• Task brief: What you output must be the exact lines from the first line of the data through the one holding "p3 = place(p2, frame((0.0, 0.0, 219.9)))", with no pictures.

Items listed in a dataset
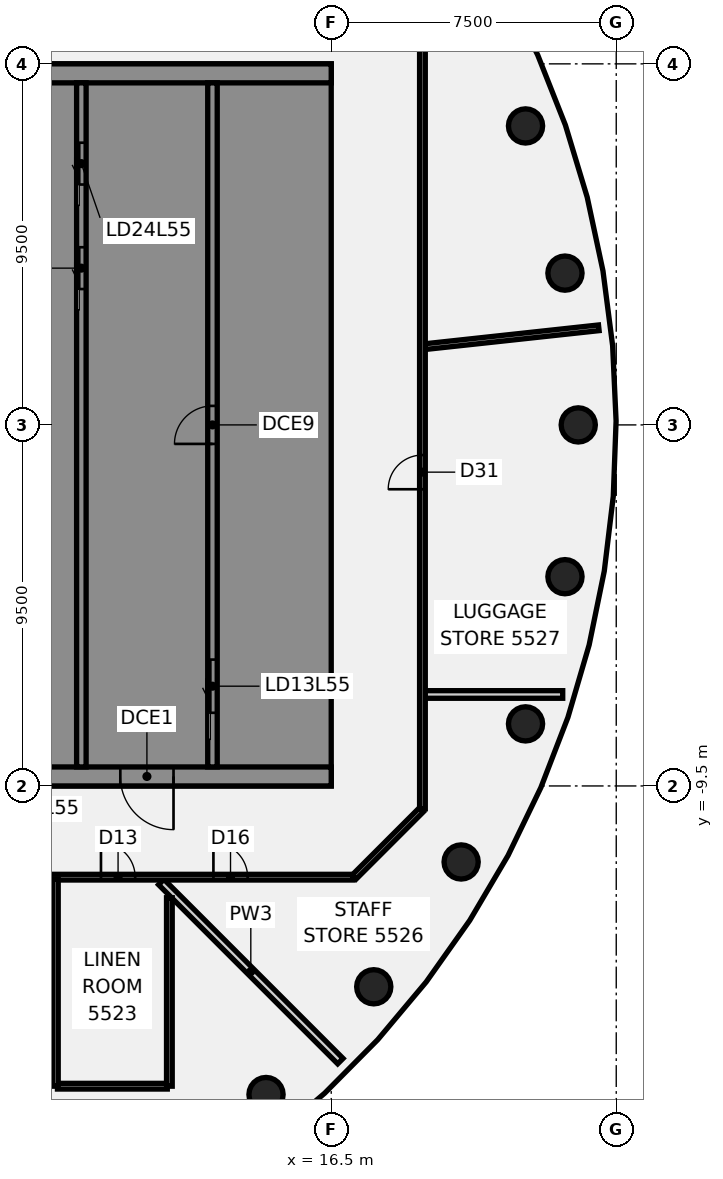
"""IFC4 building model, lengths in metres.
Left out: names, types, materials, properties, quantities, classifications, styles, units other than length and angle.
Written with IfcOpenShell. Run it as: python <this file> out.ifc"""

import sys

from ifc_helpers import new_model, si_unit, direction, frame, frame_2d, origin, origin_2d, place, context, subcontext, project, spatial, polyline, rectangle, circle, outline, extrude, element, fill, save


model = new_model("IFC4")
c1 = context("Model", 3, precision=1e-05, world=origin(), true_north=direction((0.0, 1.0)))
c2 = subcontext(c1, "Body", "Model", "MODEL_VIEW")
j1 = project(units=[si_unit("LENGTHUNIT", "METRE"), si_unit("PLANEANGLEUNIT", "RADIAN")], contexts=[c1])
p1 = place(None, origin())
s1 = spatial("IfcSite", under=j1, at=p1, CompositionType="ELEMENT")
p2 = place(p1, origin())
s2 = spatial("IfcBuilding", under=s1, at=p2, CompositionType="ELEMENT")
p3 = place(p2, frame((0.0, 0.0, 219.9)))
s3 = spatial("IfcBuildingStorey", under=s2, at=p3, CompositionType="ELEMENT", Elevation=219.9)
for number, where, z_axis, x_axis in (
    (1, (23.0, 0.0, -0.14), (0.0, 0.0, 1.0), (1.0, 0.0, 0.0)),
    (2, (22.651, 3.994, -0.14), (0.0, 0.0, 1.0), (1.0, 0.0, 0.0)),
    (3, (21.613, 7.866, -0.14), (0.0, 0.0, 1.0), (1.0, 0.0, 0.0)),
    (4, (14.784, -17.619, -0.14), (0.0, 0.0, 1.0), (1.0, 0.0, 0.0)),
    (5, (17.619, -14.784, -0.14), (0.0, 0.0, 1.0), (1.0, 0.0, 0.0)),
    (6, (19.919, -11.5, -0.14), (0.0, 0.0, 1.0), (1.0, 0.0, 0.0)),
    (7, (21.613, -7.866, -0.14), (0.0, 0.0, 1.0), (1.0, 0.0, 0.0)),
    (8, (22.651, -3.994, -0.14), (0.0, 0.0, 1.0), (1.0, 0.0, 0.0)),
):
    element("IfcColumn", number, at=place(p3, frame(where, z_axis=z_axis, x_axis=x_axis)), inside=s3, PredefinedType="COLUMN", context=c2, shape_type="SweptSolid", body=[
        extrude(circle(Radius=0.45, at=origin_2d()), origin(), (0.0, 0.0, 1.0), 3.6),
    ])
p4 = place(p3, frame((12.027, -12.027, 0.0), z_axis=(0.0, 0.0, 1.0), x_axis=(0.707106781187, -0.707106781187, 0.0)))
e9 = element("IfcWall", 9, at=p4, inside=s3, PredefinedType="PARTITIONING", context=c2, shape_type="SweptSolid", body=[
    extrude(rectangle(XDim=6.665, YDim=0.2, at=frame_2d((3.333, 0.0))), origin(), (0.0, 0.0, 1.0), 2.864),
])
p5 = place(p3, frame((-17.1, -11.9, 0.0), z_axis=(0.0, 0.0, 1.0), x_axis=(1.0, 0.0, 0.0)))
e10 = element("IfcWall", 10, at=p5, inside=s3, PredefinedType="PARTITIONING", context=c2, shape_type="SweptSolid", body=[
    extrude(rectangle(XDim=34.165, YDim=0.15, at=frame_2d((17.083, 0.0))), origin(), (0.0, 0.0, 1.0), 2.864),
])
p6 = place(p5, frame((6.1, 0.0, 0.0)))
e11 = element("IfcOpeningElement", 11, at=p6, cuts=e10, PredefinedType="OPENING", context=c2, shape_type="SweptSolid", body=[
    extrude(rectangle(XDim=0.9, YDim=2.1, at=frame_2d((0.45, 1.05))), frame((0.0, 0.085, 0.0), z_axis=(0.0, -1.0, 0.0), x_axis=(1.0, 0.0, 0.0)), (0.0, 0.0, 1.0), 0.17),
])
p7 = place(p5, frame((27.541, 0.0, 0.0)))
e12 = element("IfcOpeningElement", 12, at=p7, cuts=e10, PredefinedType="OPENING", context=c2, shape_type="SweptSolid", body=[
    extrude(rectangle(XDim=0.9, YDim=2.1, at=frame_2d((0.45, 1.05))), frame((0.0, 0.085, 0.0), z_axis=(0.0, -1.0, 0.0), x_axis=(1.0, 0.0, 0.0)), (0.0, 0.0, 1.0), 0.17),
])
p8 = place(p5, frame((19.152, 0.0, 0.0)))
e13 = element("IfcOpeningElement", 13, at=p8, cuts=e10, PredefinedType="OPENING", context=c2, shape_type="SweptSolid", body=[
    extrude(rectangle(XDim=1.8, YDim=2.1, at=frame_2d((0.9, 1.05))), frame((0.0, 0.085, 0.0), z_axis=(0.0, -1.0, 0.0), x_axis=(1.0, 0.0, 0.0)), (0.0, 0.0, 1.0), 0.17),
])
p9 = place(p5, frame((10.359, 0.0, 0.0)))
e14 = element("IfcOpeningElement", 14, at=p9, cuts=e10, PredefinedType="OPENING", context=c2, shape_type="SweptSolid", body=[
    extrude(rectangle(XDim=1.8, YDim=2.1, at=frame_2d((0.9, 1.05))), frame((0.0, 0.085, 0.0), z_axis=(0.0, -1.0, 0.0), x_axis=(1.0, 0.0, 0.0)), (0.0, 0.0, 1.0), 0.17),
])
p10 = place(p5, frame((30.5, 0.0, 0.0)))
e15 = element("IfcOpeningElement", 15, at=p10, cuts=e10, PredefinedType="OPENING", context=c2, shape_type="SweptSolid", body=[
    extrude(rectangle(XDim=0.9, YDim=2.1, at=frame_2d((0.45, 1.05))), frame((0.0, 0.085, 0.0), z_axis=(0.0, -1.0, 0.0), x_axis=(1.0, 0.0, 0.0)), (0.0, 0.0, 1.0), 0.17),
])
p11 = place(p5, frame((1.65, 0.0, 0.0)))
e16 = element("IfcOpeningElement", 16, at=p11, cuts=e10, PredefinedType="OPENING", context=c2, shape_type="SweptSolid", body=[
    extrude(rectangle(XDim=0.9, YDim=2.1, at=frame_2d((0.45, 1.05))), frame((0.0, 0.085, 0.0), z_axis=(0.0, -1.0, 0.0), x_axis=(1.0, 0.0, 0.0)), (0.0, 0.0, 1.0), 0.17),
])
p12 = place(p3, frame((9.296, -17.4, 0.0), z_axis=(0.0, 0.0, 1.0), x_axis=(1.0, 0.0, 0.0)))
e17 = element("IfcWall", 17, at=p12, inside=s3, PredefinedType="PARTITIONING", context=c2, shape_type="SweptSolid", body=[
    extrude(rectangle(XDim=2.89, YDim=0.15, at=frame_2d((1.445, 0.0))), origin(), (0.0, 0.0, 1.0), 2.864),
])
p13 = place(p3, frame((18.955, -7.093, 0.0), z_axis=(0.0, 0.0, 1.0), x_axis=(1.0, 0.0, 0.0)))
e18 = element("IfcWall", 18, at=p13, inside=s3, PredefinedType="PARTITIONING", context=c2, shape_type="SweptSolid", body=[
    extrude(rectangle(XDim=3.636, YDim=0.2, at=frame_2d((1.818, 0.0))), origin(), (0.0, 0.0, 1.0), 2.864),
])
p14 = place(p3, frame((18.965, 2.059, 0.0), z_axis=(0.0, 0.0, 1.0), x_axis=(0.994181439034, 0.107718458398, 0.0)))
e19 = element("IfcWall", 19, at=p14, inside=s3, PredefinedType="PARTITIONING", context=c2, shape_type="SweptSolid", body=[
    extrude(rectangle(XDim=4.603, YDim=0.15, at=frame_2d((2.302, 0.0))), origin(), (0.0, 0.0, 1.0), 2.864),
])
p15 = place(p3, frame((17.1, -11.9, 0.0), z_axis=(0.0, 0.0, 1.0), x_axis=(0.707106781187, 0.707106781187, 0.0)))
e20 = element("IfcWall", 20, at=p15, inside=s3, PredefinedType="PARTITIONING", context=c2, shape_type="SweptSolid", body=[
    extrude(rectangle(XDim=2.505, YDim=0.15, at=frame_2d((1.253, 0.0))), origin(), (0.0, 0.0, 1.0), 2.864),
])
p16 = place(p3, frame((9.241, -17.4, 0.0), z_axis=(0.0, 0.0, 1.0), x_axis=(0.0, 1.0, 0.0)))
e21 = element("IfcWall", 21, at=p16, inside=s3, PredefinedType="PARTITIONING", context=c2, shape_type="SweptSolid", body=[
    extrude(rectangle(XDim=5.445, YDim=0.15, at=frame_2d((2.722, 0.0))), origin(), (0.0, 0.0, 1.0), 2.864),
])
p17 = place(p3, frame((12.241, -17.4, 0.0), z_axis=(0.0, 0.0, 1.0), x_axis=(0.0, 1.0, 0.0)))
e22 = element("IfcWall", 22, at=p17, inside=s3, PredefinedType="PARTITIONING", context=c2, shape_type="SweptSolid", body=[
    extrude(rectangle(XDim=4.959, YDim=0.15, at=frame_2d((2.479, 0.0))), origin(), (0.0, 0.0, 1.0), 2.864),
])
p18 = place(p3, frame((18.9, -10.1, 0.0), z_axis=(0.0, 0.0, 1.0), x_axis=(0.0, 1.0, 0.0)))
e23 = element("IfcWall", 23, at=p18, inside=s3, PredefinedType="PARTITIONING", context=c2, shape_type="SweptSolid", body=[
    extrude(rectangle(XDim=20.2, YDim=0.15, at=frame_2d((10.1, 0.0))), origin(), (0.0, 0.0, 1.0), 2.864),
])
p19 = place(p18, frame((8.407, 0.0, 0.0)))
e24 = element("IfcOpeningElement", 24, at=p19, cuts=e23, PredefinedType="OPENING", context=c2, shape_type="SweptSolid", body=[
    extrude(rectangle(XDim=0.9, YDim=2.1, at=frame_2d((0.45, 1.05))), frame((0.0, 0.085, 0.0), z_axis=(0.0, -1.0, 0.0), x_axis=(1.0, 0.0, 0.0)), (0.0, 0.0, 1.0), 0.17),
])
p20 = place(p3, frame((16.5, -9.25, 0.0), z_axis=(0.0, 0.0, 1.0), x_axis=(-1.0, 0.0, 0.0)))
e25 = element("IfcWall", 25, at=p20, inside=s3, PredefinedType="SHEAR", context=c2, shape_type="SweptSolid", body=[
    extrude(rectangle(XDim=13.0, YDim=0.5, at=frame_2d((6.5, 0.0))), origin(), (0.0, 0.0, 1.0), 3.46),
])
p21 = place(p20, frame((4.15, 0.0, 0.0)))
e26 = element("IfcOpeningElement", 26, at=p21, cuts=e25, PredefinedType="OPENING", context=c2, shape_type="SweptSolid", body=[
    extrude(rectangle(XDim=1.4, YDim=2.1, at=frame_2d((0.7, 1.05))), frame((0.0, 0.26, 0.0), z_axis=(0.0, -1.0, 0.0), x_axis=(1.0, 0.0, 0.0)), (0.0, 0.0, 1.0), 0.52),
])
p22 = place(p20, frame((10.125, 0.0, 0.0)))
e27 = element("IfcOpeningElement", 27, at=p22, cuts=e25, PredefinedType="OPENING", context=c2, shape_type="SweptSolid", body=[
    extrude(rectangle(XDim=1.4, YDim=2.1, at=frame_2d((0.7, 1.05))), frame((0.0, 0.26, 0.0), z_axis=(0.0, -1.0, 0.0), x_axis=(1.0, 0.0, 0.0)), (0.0, 0.0, 1.0), 0.52),
])
p23 = place(p3, origin())
e28 = element("IfcWall", 28, at=p23, inside=s3, PredefinedType="SHEAR", context=c2, shape_type="SweptSolid", body=[
    extrude(outline(polyline([(13.5, -8.125), (13.5, -9.0), (16.0, -9.0), (16.5, -9.0), (16.5, 9.0), (16.0, 9.0), (13.5, 9.0), (13.5, 8.125), (16.0, 8.125), (16.0, 5.625), (13.5, 5.625), (13.5, 5.375), (16.0, 5.375), (16.0, -5.375), (13.5, -5.375), (13.5, -5.625), (16.0, -5.625), (16.0, -8.125), (13.5, -8.125)])), origin(), (0.0, 0.0, 1.0), 3.46),
])
p24 = place(p3, frame((16.5, 9.25, 0.0), z_axis=(0.0, 0.0, 1.0), x_axis=(-1.0, 0.0, 0.0)))
e29 = element("IfcWall", 29, at=p24, inside=s3, PredefinedType="SHEAR", context=c2, shape_type="SweptSolid", body=[
    extrude(rectangle(XDim=13.0, YDim=0.5, at=frame_2d((6.5, 0.0))), origin(), (0.0, 0.0, 1.0), 3.46),
])
p25 = place(p3, origin())
e30 = element("IfcWall", 30, at=p25, inside=s3, PredefinedType="SHEAR", context=c2, shape_type="SweptSolid", body=[
    extrude(outline(polyline([(9.8, -5.375), (7.5, -5.375), (7.5, -2.875), (9.8, -2.875), (9.8, -2.625), (7.5, -2.625), (7.5, -0.125), (9.8, -0.125), (9.8, 0.125), (7.5, 0.125), (7.5, 2.625), (9.8, 2.625), (9.8, 2.875), (7.5, 2.875), (7.5, 5.375), (9.8, 5.375), (9.8, 5.625), (7.5, 5.625), (7.5, 8.125), (9.8, 8.125), (9.8, 9.0), (7.5, 9.0), (7.25, 9.0), (7.25, -5.625), (7.5, -5.625), (9.8, -5.625), (9.8, -5.375)])), origin(), (0.0, 0.0, 1.0), 3.46),
])
p26 = place(p3, origin())
e31 = element("IfcWall", 31, at=p26, inside=s3, PredefinedType="SHEAR", context=c2, shape_type="SweptSolid", body=[
    extrude(outline(polyline([(7.5, -8.125), (7.5, -9.0), (9.8, -9.0), (9.8, -8.125), (9.8, -5.625), (9.55, -5.625), (9.55, -8.125), (7.5, -8.125)])), origin(), (0.0, 0.0, 1.0), 3.46),
])
p27 = place(p3, frame((13.375, -9.0, 0.0), z_axis=(0.0, 0.0, 1.0), x_axis=(0.0, 1.0, 0.0)))
e32 = element("IfcWall", 32, at=p27, inside=s3, PredefinedType="SHEAR", context=c2, shape_type="SweptSolid", body=[
    extrude(rectangle(XDim=18.0, YDim=0.25, at=frame_2d((9.0, 0.0))), origin(), (0.0, 0.0, 1.0), 3.46),
])
p28 = place(p27, frame((1.425, 0.0, 0.0)))
e33 = element("IfcOpeningElement", 33, at=p28, cuts=e32, PredefinedType="OPENING", context=c2, shape_type="SweptSolid", body=[
    extrude(rectangle(XDim=1.4, YDim=2.1, at=frame_2d((0.7, 1.05))), frame((0.0, 0.135, 0.0), z_axis=(0.0, -1.0, 0.0), x_axis=(1.0, 0.0, 0.0)), (0.0, 0.0, 1.0), 0.27),
])
p29 = place(p27, frame((8.5, 0.0, 0.0)))
e34 = element("IfcOpeningElement", 34, at=p29, cuts=e32, PredefinedType="OPENING", context=c2, shape_type="SweptSolid", body=[
    extrude(rectangle(XDim=1.0, YDim=2.1, at=frame_2d((0.5, 1.05))), frame((0.0, 0.135, 0.0), z_axis=(0.0, -1.0, 0.0), x_axis=(1.0, 0.0, 0.0)), (0.0, 0.0, 1.0), 0.27),
])
p30 = place(p3, frame((9.925, -9.0, 0.0), z_axis=(0.0, 0.0, 1.0), x_axis=(0.0, 1.0, 0.0)))
e35 = element("IfcWall", 35, at=p30, inside=s3, PredefinedType="SHEAR", context=c2, shape_type="SweptSolid", body=[
    extrude(rectangle(XDim=18.0, YDim=0.25, at=frame_2d((9.0, 0.0))), origin(), (0.0, 0.0, 1.0), 3.46),
])
p31 = place(p30, frame((12.575, 0.0, 0.0)))
e36 = element("IfcOpeningElement", 36, at=p31, cuts=e35, PredefinedType="OPENING", context=c2, shape_type="SweptSolid", body=[
    extrude(rectangle(XDim=1.1, YDim=2.1, at=frame_2d((0.55, 1.05))), frame((0.0, 0.135, 0.0), z_axis=(0.0, -1.0, 0.0), x_axis=(1.0, 0.0, 0.0)), (0.0, 0.0, 1.0), 0.27),
])
p32 = place(p30, frame((15.325, 0.0, 0.0)))
e37 = element("IfcOpeningElement", 37, at=p32, cuts=e35, PredefinedType="OPENING", context=c2, shape_type="SweptSolid", body=[
    extrude(rectangle(XDim=1.1, YDim=2.1, at=frame_2d((0.55, 1.05))), frame((0.0, 0.135, 0.0), z_axis=(0.0, -1.0, 0.0), x_axis=(1.0, 0.0, 0.0)), (0.0, 0.0, 1.0), 0.27),
])
p33 = place(p7, frame((0.9, 0.0, 0.0), z_axis=(0.0, 0.0, 1.0), x_axis=(-1.0, 0.0, 0.0)))
e38 = element("IfcDoor", 38, at=p33, inside=s3, OperationType="SINGLE_SWING_RIGHT", PredefinedType="DOOR", context=c2, shape_type="SweptSolid", body=[
    extrude(rectangle(XDim=0.9, YDim=2.1, at=frame_2d((0.45, 1.05))), frame((0.0, 0.025, 0.0), z_axis=(0.0, -1.0, 0.0), x_axis=(1.0, 0.0, 0.0)), (0.0, 0.0, 1.0), 0.05),
])
fill(e12, e38)
p34 = place(p10, frame((0.9, 0.0, 0.0), z_axis=(0.0, 0.0, 1.0), x_axis=(-1.0, 0.0, 0.0)))
e39 = element("IfcDoor", 39, at=p34, inside=s3, OperationType="SINGLE_SWING_RIGHT", PredefinedType="DOOR", context=c2, shape_type="SweptSolid", body=[
    extrude(rectangle(XDim=0.9, YDim=2.1, at=frame_2d((0.45, 1.05))), frame((0.0, 0.025, 0.0), z_axis=(0.0, -1.0, 0.0), x_axis=(1.0, 0.0, 0.0)), (0.0, 0.0, 1.0), 0.05),
])
fill(e15, e39)
p35 = place(p19, frame((0.9, 0.0, 0.0), z_axis=(0.0, 0.0, 1.0), x_axis=(-1.0, 0.0, 0.0)))
e40 = element("IfcDoor", 40, at=p35, inside=s3, OperationType="SINGLE_SWING_LEFT", PredefinedType="DOOR", context=c2, shape_type="SweptSolid", body=[
    extrude(rectangle(XDim=0.9, YDim=2.1, at=frame_2d((0.45, 1.05))), frame((0.0, 0.025, 0.0), z_axis=(0.0, -1.0, 0.0), x_axis=(1.0, 0.0, 0.0)), (0.0, 0.0, 1.0), 0.05),
])
fill(e24, e40)
p36 = place(p21, origin())
e41 = element("IfcDoor", 41, at=p36, inside=s3, OperationType="SINGLE_SWING_LEFT", PredefinedType="DOOR", context=c2, shape_type="SweptSolid", body=[
    extrude(rectangle(XDim=1.4, YDim=2.1, at=frame_2d((0.7, 1.05))), frame((0.0, 0.025, 0.0), z_axis=(0.0, -1.0, 0.0), x_axis=(1.0, 0.0, 0.0)), (0.0, 0.0, 1.0), 0.05),
])
fill(e26, e41)
p37 = place(p28, origin())
e42 = element("IfcDoor", 42, at=p37, inside=s3, OperationType="SLIDING_TO_LEFT", PredefinedType="DOOR", context=c2, shape_type="SweptSolid", body=[
    extrude(rectangle(XDim=1.4, YDim=2.1, at=frame_2d((0.7, 1.05))), frame((0.0, 0.025, 0.0), z_axis=(0.0, -1.0, 0.0), x_axis=(1.0, 0.0, 0.0)), (0.0, 0.0, 1.0), 0.05),
])
fill(e33, e42)
p38 = place(p31, origin())
e43 = element("IfcDoor", 43, at=p38, inside=s3, OperationType="SLIDING_TO_LEFT", PredefinedType="DOOR", context=c2, shape_type="SweptSolid", body=[
    extrude(rectangle(XDim=1.1, YDim=2.1, at=frame_2d((0.55, 1.05))), frame((0.0, 0.025, 0.0), z_axis=(0.0, -1.0, 0.0), x_axis=(1.0, 0.0, 0.0)), (0.0, 0.0, 1.0), 0.05),
])
fill(e36, e43)
p39 = place(p32, origin())
e44 = element("IfcDoor", 44, at=p39, inside=s3, OperationType="SLIDING_TO_LEFT", PredefinedType="DOOR", context=c2, shape_type="SweptSolid", body=[
    extrude(rectangle(XDim=1.1, YDim=2.1, at=frame_2d((0.55, 1.05))), frame((0.0, 0.025, 0.0), z_axis=(0.0, -1.0, 0.0), x_axis=(1.0, 0.0, 0.0)), (0.0, 0.0, 1.0), 0.05),
])
fill(e37, e44)
p40 = place(p29, origin())
e45 = element("IfcDoor", 45, at=p40, inside=s3, OperationType="SINGLE_SWING_LEFT", PredefinedType="DOOR", context=c2, shape_type="SweptSolid", body=[
    extrude(rectangle(XDim=1.0, YDim=2.1, at=frame_2d((0.5, 1.05))), frame((0.0, 0.025, 0.0), z_axis=(0.0, -1.0, 0.0), x_axis=(1.0, 0.0, 0.0)), (0.0, 0.0, 1.0), 0.05),
])
fill(e34, e45)
save(model, sys.argv[1])

• Task response:
"""IFC4 building model, lengths in metres.
Left out: names, types, materials, properties, quantities, classifications, styles, units other than length and angle.
Written with IfcOpenShell. Run it as: python <this file> out.ifc"""

import sys

from ifc_helpers import new_model, si_unit, direction, frame, frame_2d, origin, origin_2d, place, context, subcontext, project, spatial, polyline, rectangle, circle, outline, extrude, element, fill, save


model = new_model("IFC4")
c1 = context("Model", 3, precision=1e-05, world=origin(), true_north=direction((0.0, 1.0)))
c2 = subcontext(c1, "Body", "Model", "MODEL_VIEW")
j1 = project(units=[si_unit("LENGTHUNIT", "METRE"), si_unit("PLANEANGLEUNIT", "RADIAN")], contexts=[c1])
p1 = place(None, origin())
s1 = spatial("IfcSite", under=j1, at=p1, CompositionType="ELEMENT")
p2 = place(p1, origin())
s2 = spatial("IfcBuilding", under=s1, at=p2, CompositionType="ELEMENT")
p3 = place(p2, frame((0.0, 0.0, 219.9)))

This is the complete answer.